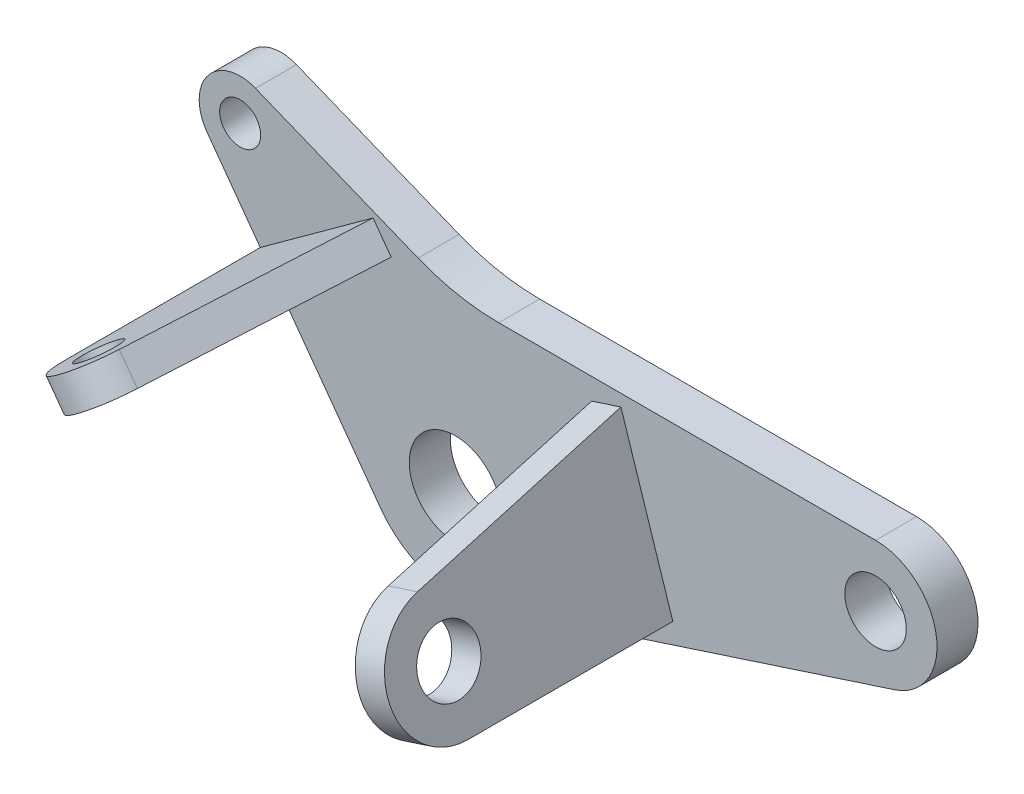
ISO-10303-21;
HEADER;
FILE_DESCRIPTION(('STEP AP214'),'2;1');
FILE_NAME('part.step','',(''),(''),'','','');
FILE_SCHEMA(('AUTOMOTIVE_DESIGN { 1 0 10303 214 1 1 1 1 }'));
ENDSEC;
DATA;
#1=APPLICATION_CONTEXT('core data for automotive mechanical design processes');
#2=APPLICATION_PROTOCOL_DEFINITION('international standard','automotive_design',2000,#1);
#3=PRODUCT_CONTEXT('',#1,'mechanical');
#4=PRODUCT('Part','Part','',(#3));
#5=PRODUCT_RELATED_PRODUCT_CATEGORY('part','',(#4));
#6=PRODUCT_DEFINITION_FORMATION('','',#4);
#7=PRODUCT_DEFINITION_CONTEXT('part definition',#1,'design');
#8=PRODUCT_DEFINITION('design','',#6,#7);
#9=PRODUCT_DEFINITION_SHAPE('','',#8);
#10=(LENGTH_UNIT() NAMED_UNIT(*) SI_UNIT(.MILLI.,.METRE.));
#11=(NAMED_UNIT(*) PLANE_ANGLE_UNIT() SI_UNIT($,.RADIAN.));
#12=(NAMED_UNIT(*) SI_UNIT($,.STERADIAN.) SOLID_ANGLE_UNIT());
#13=UNCERTAINTY_MEASURE_WITH_UNIT(LENGTH_MEASURE(1.E-05),#10,'distance_accuracy_value','');
#14=(GEOMETRIC_REPRESENTATION_CONTEXT(3) GLOBAL_UNCERTAINTY_ASSIGNED_CONTEXT((#13)) GLOBAL_UNIT_ASSIGNED_CONTEXT((#10,
#11,#12)) REPRESENTATION_CONTEXT('',''));
#15=CARTESIAN_POINT('',(0.,0.,0.));
#16=DIRECTION('',(0.,0.,1.));
#17=DIRECTION('',(1.,0.,0.));
#18=AXIS2_PLACEMENT_3D('',#15,#16,#17);
#19=CARTESIAN_POINT('',(-34.5470044766931,16.9264432674838,78.));
#20=DIRECTION('',(-0.587785252292472,0.809016994374948,0.));
#21=DIRECTION('',(-0.809016994374948,-0.587785252292472,0.));
#22=AXIS2_PLACEMENT_3D('',#19,#20,#21);
#23=PLANE('',#22);
#24=CARTESIAN_POINT('',(-28.0748685216935,21.6287252858236,46.));
#25=DIRECTION('',(-0.587785252292472,0.809016994374948,0.));
#26=DIRECTION('',(-0.809016994374948,-0.587785252292472,0.));
#27=AXIS2_PLACEMENT_3D('',#24,#25,#26);
#28=CIRCLE('',#27,4.00000000000001);
#29=CARTESIAN_POINT('',(-31.3109364991933,19.2775842766537,46.));
#30=VERTEX_POINT('',#29);
#31=EDGE_CURVE('E320',#30,#30,#28,.T.);
#32=ORIENTED_EDGE('',*,*,#31,.T.);
#33=EDGE_LOOP('',(#32));
#34=FACE_BOUND('',#33,.T.);
#35=CARTESIAN_POINT('',(-28.0748685216935,21.6287252858236,46.));
#36=DIRECTION('',(-0.587785252292472,0.809016994374948,0.));
#37=DIRECTION('',(-0.809016994374948,-0.587785252292472,0.));
#38=AXIS2_PLACEMENT_3D('',#35,#36,#37);
#39=CIRCLE('',#38,8.);
#40=CARTESIAN_POINT('',(-34.5470044766931,16.9264432674838,46.));
#41=VERTEX_POINT('',#40);
#42=CARTESIAN_POINT('',(-21.8534521372472,26.1488488735531,48.205098846536));
#43=VERTEX_POINT('',#42);
#44=EDGE_CURVE('E12',#41,#43,#39,.T.);
#45=ORIENTED_EDGE('',*,*,#44,.F.);
#46=DIRECTION('',(0.,0.,-1.));
#47=VECTOR('',#46,1.);
#48=CARTESIAN_POINT('',(-34.5470044766931,16.9264432674838,78.));
#49=LINE('',#48,#47);
#50=CARTESIAN_POINT('',(-34.5470044766931,16.9264432674838,8.));
#51=VERTEX_POINT('',#50);
#52=EDGE_CURVE('E213',#41,#51,#49,.T.);
#53=ORIENTED_EDGE('',*,*,#52,.T.);
#54=DIRECTION('',(0.809016994374948,0.587785252292472,0.));
#55=VECTOR('',#54,1.);
#56=CARTESIAN_POINT('',(-34.5470044766931,16.9264432674838,8.));
#57=LINE('',#56,#55);
#58=CARTESIAN_POINT('',(-12.5265973136636,32.9252055554185,8.));
#59=VERTEX_POINT('',#58);
#60=EDGE_CURVE('E225',#51,#59,#57,.T.);
#61=ORIENTED_EDGE('',*,*,#60,.T.);
#62=DIRECTION('',(-0.22299530514053,-0.162015572730127,0.961261695938318));
#63=VECTOR('',#62,1.);
#64=CARTESIAN_POINT('',(-29.204597873977,20.8079288662537,79.8935454419716));
#65=LINE('',#64,#63);
#66=EDGE_CURVE('E95',#59,#43,#65,.T.);
#67=ORIENTED_EDGE('',*,*,#66,.T.);
#68=EDGE_LOOP('',(#45,#53,#61,#67));
#69=FACE_BOUND('',#68,.T.);
#70=ADVANCED_FACE('F84',(#34,#69),#23,.F.);
#71=CARTESIAN_POINT('',(5.56230589874908,-17.1190172933128,8.));
#72=DIRECTION('',(-0.309016994374949,0.951056516295153,0.));
#73=DIRECTION('',(-0.951056516295153,-0.309016994374949,0.));
#74=AXIS2_PLACEMENT_3D('',#71,#72,#73);
#75=PLANE('',#74);
#76=DIRECTION('',(0.,0.,-1.));
#77=VECTOR('',#76,1.);
#78=CARTESIAN_POINT('',(85.7082039324994,8.92196355012698,8.));
#79=LINE('',#78,#77);
#80=CARTESIAN_POINT('',(85.7082039324994,8.92196355012698,8.));
#81=VERTEX_POINT('',#80);
#82=CARTESIAN_POINT('',(85.7082039324994,8.92196355012698,0.));
#83=VERTEX_POINT('',#82);
#84=EDGE_CURVE('E272',#81,#83,#79,.T.);
#85=ORIENTED_EDGE('',*,*,#84,.F.);
#86=DIRECTION('',(0.951056516295153,0.309016994374949,0.));
#87=VECTOR('',#86,1.);
#88=CARTESIAN_POINT('',(5.56230589874908,-17.1190172933128,8.));
#89=LINE('',#88,#87);
#90=CARTESIAN_POINT('',(5.56230589874908,-17.1190172933128,8.));
#91=VERTEX_POINT('',#90);
#92=EDGE_CURVE('E271',#91,#81,#89,.T.);
#93=ORIENTED_EDGE('',*,*,#92,.F.);
#94=DIRECTION('',(0.,0.,-1.));
#95=VECTOR('',#94,1.);
#96=CARTESIAN_POINT('',(5.56230589874908,-17.1190172933128,8.));
#97=LINE('',#96,#95);
#98=CARTESIAN_POINT('',(5.56230589874908,-17.1190172933128,0.));
#99=VERTEX_POINT('',#98);
#100=EDGE_CURVE('E292',#91,#99,#97,.T.);
#101=ORIENTED_EDGE('',*,*,#100,.T.);
#102=DIRECTION('',(0.951056516295153,0.309016994374949,0.));
#103=VECTOR('',#102,1.);
#104=CARTESIAN_POINT('',(5.56230589874908,-17.1190172933128,0.));
#105=LINE('',#104,#103);
#106=EDGE_CURVE('E256',#99,#83,#105,.T.);
#107=ORIENTED_EDGE('',*,*,#106,.T.);
#108=EDGE_LOOP('',(#85,#93,#101,#107));
#109=FACE_BOUND('',#108,.T.);
#110=ADVANCED_FACE('F384',(#109),#75,.F.);
#111=CARTESIAN_POINT('',(82.,20.3346417456688,8.));
#112=DIRECTION('',(0.,0.,1.));
#113=DIRECTION('',(1.,0.,0.));
#114=AXIS2_PLACEMENT_3D('',#111,#112,#113);
#115=PLANE('',#114);
#116=DIRECTION('',(-0.809016994374949,-0.587785252292471,0.));
#117=VECTOR('',#116,1.);
#118=CARTESIAN_POINT('',(-38.0737159904479,21.7805452337335,8.));
#119=LINE('',#118,#117);
#120=CARTESIAN_POINT('',(-16.0533088274185,37.7793075216682,8.));
#121=VERTEX_POINT('',#120);
#122=CARTESIAN_POINT('',(-38.0737159904479,21.7805452337335,8.));
#123=VERTEX_POINT('',#122);
#124=EDGE_CURVE('E217',#121,#123,#119,.T.);
#125=ORIENTED_EDGE('',*,*,#124,.F.);
#126=DIRECTION('',(-0.587785252292471,0.809016994374949,0.));
#127=VECTOR('',#126,1.);
#128=CARTESIAN_POINT('',(13.3359537872051,-2.67154219707923,8.));
#129=LINE('',#128,#127);
#130=EDGE_CURVE('E212',#59,#121,#129,.T.);
#131=ORIENTED_EDGE('',*,*,#130,.F.);
#132=ORIENTED_EDGE('',*,*,#60,.F.);
#133=DIRECTION('',(0.587785252292471,-0.809016994374949,0.));
#134=VECTOR('',#133,1.);
#135=CARTESIAN_POINT('',(-48.4721359549996,36.0927424744089,8.));
#136=LINE('',#135,#134);
#137=CARTESIAN_POINT('',(-14.5623058987491,-10.5801345412645,8.));
#138=VERTEX_POINT('',#137);
#139=EDGE_CURVE('E266',#51,#138,#136,.T.);
#140=ORIENTED_EDGE('',*,*,#139,.T.);
#141=CARTESIAN_POINT('',(0.,0.,8.));
#142=DIRECTION('',(0.,0.,1.));
#143=DIRECTION('',(1.,0.,0.));
#144=AXIS2_PLACEMENT_3D('',#141,#142,#143);
#145=CIRCLE('',#144,18.);
#146=EDGE_CURVE('E267',#138,#91,#145,.T.);
#147=ORIENTED_EDGE('',*,*,#146,.T.);
#148=ORIENTED_EDGE('',*,*,#92,.T.);
#149=CARTESIAN_POINT('',(82.,20.3346417456688,8.));
#150=DIRECTION('',(0.,0.,1.));
#151=DIRECTION('',(1.,0.,0.));
#152=AXIS2_PLACEMENT_3D('',#149,#150,#151);
#153=CIRCLE('',#152,12.);
#154=CARTESIAN_POINT('',(82.,32.3346417456688,8.));
#155=VERTEX_POINT('',#154);
#156=EDGE_CURVE('E255',#81,#155,#153,.T.);
#157=ORIENTED_EDGE('',*,*,#156,.T.);
#158=DIRECTION('',(-1.,0.,0.));
#159=VECTOR('',#158,1.);
#160=CARTESIAN_POINT('',(8.45989239638362,32.3346417456688,8.));
#161=LINE('',#160,#159);
#162=CARTESIAN_POINT('',(8.45989239638361,32.3346417456688,8.));
#163=VERTEX_POINT('',#162);
#164=EDGE_CURVE('E260',#155,#163,#161,.T.);
#165=ORIENTED_EDGE('',*,*,#164,.T.);
#166=CARTESIAN_POINT('',(8.45989239638362,74.3346417456688,8.));
#167=DIRECTION('',(0.,0.,-1.));
#168=DIRECTION('',(1.,0.,0.));
#169=AXIS2_PLACEMENT_3D('',#166,#167,#168);
#170=CIRCLE('',#169,42.);
#171=CARTESIAN_POINT('',(-7.27358452708473,35.3929198538638,8.));
#172=VERTEX_POINT('',#171);
#173=EDGE_CURVE('E257',#163,#172,#170,.T.);
#174=ORIENTED_EDGE('',*,*,#173,.T.);
#175=DIRECTION('',(-0.927183854566787,0.374606593415913,0.));
#176=VECTOR('',#175,1.);
#177=CARTESIAN_POINT('',(-39.0031472526727,48.212495329283,8.));
#178=LINE('',#177,#176);
#179=CARTESIAN_POINT('',(-39.0031472526727,48.212495329283,8.));
#180=VERTEX_POINT('',#179);
#181=EDGE_CURVE('E265',#172,#180,#178,.T.);
#182=ORIENTED_EDGE('',*,*,#181,.T.);
#183=CARTESIAN_POINT('',(-42.,40.7950244927487,8.));
#184=DIRECTION('',(0.,0.,1.));
#185=DIRECTION('',(1.,0.,0.));
#186=AXIS2_PLACEMENT_3D('',#183,#184,#185);
#187=CIRCLE('',#186,7.99999999999999);
#188=CARTESIAN_POINT('',(-48.4721359549996,36.0927424744089,8.));
#189=VERTEX_POINT('',#188);
#190=EDGE_CURVE('E262',#180,#189,#187,.T.);
#191=ORIENTED_EDGE('',*,*,#190,.T.);
#192=EDGE_CURVE('E270',#189,#123,#136,.T.);
#193=ORIENTED_EDGE('',*,*,#192,.T.);
#194=EDGE_LOOP('',(#125,#131,#132,#140,#147,#148,#157,#165,#174,#182,#191,#193));
#195=FACE_BOUND('',#194,.T.);
#196=DIRECTION('',(-0.309016994374949,0.951056516295153,0.));
#197=VECTOR('',#196,1.);
#198=CARTESIAN_POINT('',(43.6045665505552,-4.75833751831482,8.));
#199=LINE('',#198,#197);
#200=CARTESIAN_POINT('',(42.4340939331321,-1.15599321295721,8.));
#201=VERTEX_POINT('',#200);
#202=CARTESIAN_POINT('',(32.3074989935226,30.0104613203209,8.00000000000001));
#203=VERTEX_POINT('',#202);
#204=EDGE_CURVE('E355',#201,#203,#199,.T.);
#205=ORIENTED_EDGE('',*,*,#204,.F.);
#206=DIRECTION('',(0.951056516295153,0.309016994374949,0.));
#207=VECTOR('',#206,1.);
#208=CARTESIAN_POINT('',(-5.11873188162557,-16.6068429317046,8.));
#209=LINE('',#208,#207);
#210=CARTESIAN_POINT('',(36.7277548353611,-3.01009517920691,8.));
#211=VERTEX_POINT('',#210);
#212=EDGE_CURVE('E350',#211,#201,#209,.T.);
#213=ORIENTED_EDGE('',*,*,#212,.F.);
#214=DIRECTION('',(0.309016994374949,-0.951056516295153,0.));
#215=VECTOR('',#214,1.);
#216=CARTESIAN_POINT('',(37.8982274527843,-6.61243948456451,8.));
#217=LINE('',#216,#215);
#218=CARTESIAN_POINT('',(26.6011598957517,28.1563593540712,7.99999999999999));
#219=VERTEX_POINT('',#218);
#220=EDGE_CURVE('E234',#219,#211,#217,.T.);
#221=ORIENTED_EDGE('',*,*,#220,.F.);
#222=DIRECTION('',(-0.951056516295153,-0.309016994374949,0.));
#223=VECTOR('',#222,1.);
#224=CARTESIAN_POINT('',(26.6011598957517,28.1563593540712,8.));
#225=LINE('',#224,#223);
#226=EDGE_CURVE('E226',#203,#219,#225,.T.);
#227=ORIENTED_EDGE('',*,*,#226,.F.);
#228=EDGE_LOOP('',(#205,#213,#221,#227));
#229=FACE_BOUND('',#228,.T.);
#230=CARTESIAN_POINT('',(-42.,40.7950244927487,8.));
#231=DIRECTION('',(0.,0.,1.));
#232=DIRECTION('',(1.,0.,0.));
#233=AXIS2_PLACEMENT_3D('',#230,#231,#232);
#234=CIRCLE('',#233,4.00000000000001);
#235=CARTESIAN_POINT('',(-38.,40.7950244927487,8.));
#236=VERTEX_POINT('',#235);
#237=EDGE_CURVE('E245',#236,#236,#234,.T.);
#238=ORIENTED_EDGE('',*,*,#237,.F.);
#239=EDGE_LOOP('',(#238));
#240=FACE_BOUND('',#239,.T.);
#241=CARTESIAN_POINT('',(0.,0.,8.));
#242=DIRECTION('',(0.,0.,1.));
#243=DIRECTION('',(1.,0.,0.));
#244=AXIS2_PLACEMENT_3D('',#241,#242,#243);
#245=CIRCLE('',#244,9.);
#246=CARTESIAN_POINT('',(9.,0.,8.));
#247=VERTEX_POINT('',#246);
#248=EDGE_CURVE('E248',#247,#247,#245,.T.);
#249=ORIENTED_EDGE('',*,*,#248,.F.);
#250=EDGE_LOOP('',(#249));
#251=FACE_BOUND('',#250,.T.);
#252=CARTESIAN_POINT('',(82.,20.3346417456688,8.));
#253=DIRECTION('',(0.,0.,1.));
#254=DIRECTION('',(1.,0.,0.));
#255=AXIS2_PLACEMENT_3D('',#252,#253,#254);
#256=CIRCLE('',#255,6.);
#257=CARTESIAN_POINT('',(88.,20.3346417456688,8.));
#258=VERTEX_POINT('',#257);
#259=EDGE_CURVE('E231',#258,#258,#256,.T.);
#260=ORIENTED_EDGE('',*,*,#259,.F.);
#261=EDGE_LOOP('',(#260));
#262=FACE_BOUND('',#261,.T.);
#263=ADVANCED_FACE('F330',(#195,#229,#240,#251,#262),#115,.T.);
#264=CARTESIAN_POINT('',(82.,20.3346417456688,0.));
#265=DIRECTION('',(0.,0.,1.));
#266=DIRECTION('',(1.,0.,0.));
#267=AXIS2_PLACEMENT_3D('',#264,#265,#266);
#268=PLANE('',#267);
#269=CARTESIAN_POINT('',(82.,20.3346417456688,0.));
#270=DIRECTION('',(0.,0.,1.));
#271=DIRECTION('',(1.,0.,0.));
#272=AXIS2_PLACEMENT_3D('',#269,#270,#271);
#273=CIRCLE('',#272,12.);
#274=CARTESIAN_POINT('',(82.,32.3346417456688,0.));
#275=VERTEX_POINT('',#274);
#276=EDGE_CURVE('E253',#83,#275,#273,.T.);
#277=ORIENTED_EDGE('',*,*,#276,.F.);
#278=ORIENTED_EDGE('',*,*,#106,.F.);
#279=CARTESIAN_POINT('',(0.,0.,0.));
#280=DIRECTION('',(0.,0.,1.));
#281=DIRECTION('',(1.,0.,0.));
#282=AXIS2_PLACEMENT_3D('',#279,#280,#281);
#283=CIRCLE('',#282,18.);
#284=CARTESIAN_POINT('',(-14.5623058987491,-10.5801345412645,0.));
#285=VERTEX_POINT('',#284);
#286=EDGE_CURVE('E287',#285,#99,#283,.T.);
#287=ORIENTED_EDGE('',*,*,#286,.F.);
#288=DIRECTION('',(0.587785252292471,-0.809016994374949,0.));
#289=VECTOR('',#288,1.);
#290=CARTESIAN_POINT('',(-48.4721359549996,36.0927424744089,0.));
#291=LINE('',#290,#289);
#292=CARTESIAN_POINT('',(-48.4721359549996,36.0927424744089,0.));
#293=VERTEX_POINT('',#292);
#294=EDGE_CURVE('E282',#293,#285,#291,.T.);
#295=ORIENTED_EDGE('',*,*,#294,.F.);
#296=CARTESIAN_POINT('',(-42.,40.7950244927487,0.));
#297=DIRECTION('',(0.,0.,1.));
#298=DIRECTION('',(1.,0.,0.));
#299=AXIS2_PLACEMENT_3D('',#296,#297,#298);
#300=CIRCLE('',#299,7.99999999999999);
#301=CARTESIAN_POINT('',(-39.0031472526727,48.212495329283,0.));
#302=VERTEX_POINT('',#301);
#303=EDGE_CURVE('E285',#302,#293,#300,.T.);
#304=ORIENTED_EDGE('',*,*,#303,.F.);
#305=DIRECTION('',(-0.927183854566787,0.374606593415913,0.));
#306=VECTOR('',#305,1.);
#307=CARTESIAN_POINT('',(-39.0031472526727,48.212495329283,0.));
#308=LINE('',#307,#306);
#309=CARTESIAN_POINT('',(-7.27358452708473,35.3929198538638,0.));
#310=VERTEX_POINT('',#309);
#311=EDGE_CURVE('E278',#310,#302,#308,.T.);
#312=ORIENTED_EDGE('',*,*,#311,.F.);
#313=CARTESIAN_POINT('',(8.45989239638362,74.3346417456688,0.));
#314=DIRECTION('',(0.,0.,-1.));
#315=DIRECTION('',(1.,0.,0.));
#316=AXIS2_PLACEMENT_3D('',#313,#314,#315);
#317=CIRCLE('',#316,42.);
#318=CARTESIAN_POINT('',(8.45989239638361,32.3346417456688,0.));
#319=VERTEX_POINT('',#318);
#320=EDGE_CURVE('E279',#319,#310,#317,.T.);
#321=ORIENTED_EDGE('',*,*,#320,.F.);
#322=DIRECTION('',(-1.,0.,0.));
#323=VECTOR('',#322,1.);
#324=CARTESIAN_POINT('',(8.45989239638362,32.3346417456688,0.));
#325=LINE('',#324,#323);
#326=EDGE_CURVE('E277',#275,#319,#325,.T.);
#327=ORIENTED_EDGE('',*,*,#326,.F.);
#328=EDGE_LOOP('',(#277,#278,#287,#295,#304,#312,#321,#327));
#329=FACE_BOUND('',#328,.T.);
#330=CARTESIAN_POINT('',(0.,0.,0.));
#331=DIRECTION('',(0.,0.,1.));
#332=DIRECTION('',(1.,0.,0.));
#333=AXIS2_PLACEMENT_3D('',#330,#331,#332);
#334=CIRCLE('',#333,9.);
#335=CARTESIAN_POINT('',(9.,0.,0.));
#336=VERTEX_POINT('',#335);
#337=EDGE_CURVE('E244',#336,#336,#334,.T.);
#338=ORIENTED_EDGE('',*,*,#337,.T.);
#339=EDGE_LOOP('',(#338));
#340=FACE_BOUND('',#339,.T.);
#341=CARTESIAN_POINT('',(-42.,40.7950244927487,0.));
#342=DIRECTION('',(0.,0.,1.));
#343=DIRECTION('',(1.,0.,0.));
#344=AXIS2_PLACEMENT_3D('',#341,#342,#343);
#345=CIRCLE('',#344,4.00000000000001);
#346=CARTESIAN_POINT('',(-38.,40.7950244927487,0.));
#347=VERTEX_POINT('',#346);
#348=EDGE_CURVE('E236',#347,#347,#345,.T.);
#349=ORIENTED_EDGE('',*,*,#348,.T.);
#350=EDGE_LOOP('',(#349));
#351=FACE_BOUND('',#350,.T.);
#352=CARTESIAN_POINT('',(82.,20.3346417456688,0.));
#353=DIRECTION('',(0.,0.,1.));
#354=DIRECTION('',(1.,0.,0.));
#355=AXIS2_PLACEMENT_3D('',#352,#353,#354);
#356=CIRCLE('',#355,6.);
#357=CARTESIAN_POINT('',(88.,20.3346417456688,0.));
#358=VERTEX_POINT('',#357);
#359=EDGE_CURVE('E239',#358,#358,#356,.T.);
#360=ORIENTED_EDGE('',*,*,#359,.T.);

*TASK INSTRUCTIONS:* Looking at the data above, return every line from the one with "#209=LINE('',#208,#207);" down to the one with "#215=VECTOR('',#214,1.);", exactly and inclusively.

*RESPONSE TO THE TASK:*
#209=LINE('',#208,#207);
#210=CARTESIAN_POINT('',(36.7277548353611,-3.01009517920691,8.));
#211=VERTEX_POINT('',#210);
#212=EDGE_CURVE('E350',#211,#201,#209,.T.);
#213=ORIENTED_EDGE('',*,*,#212,.F.);
#214=DIRECTION('',(0.309016994374949,-0.951056516295153,0.));
#215=VECTOR('',#214,1.);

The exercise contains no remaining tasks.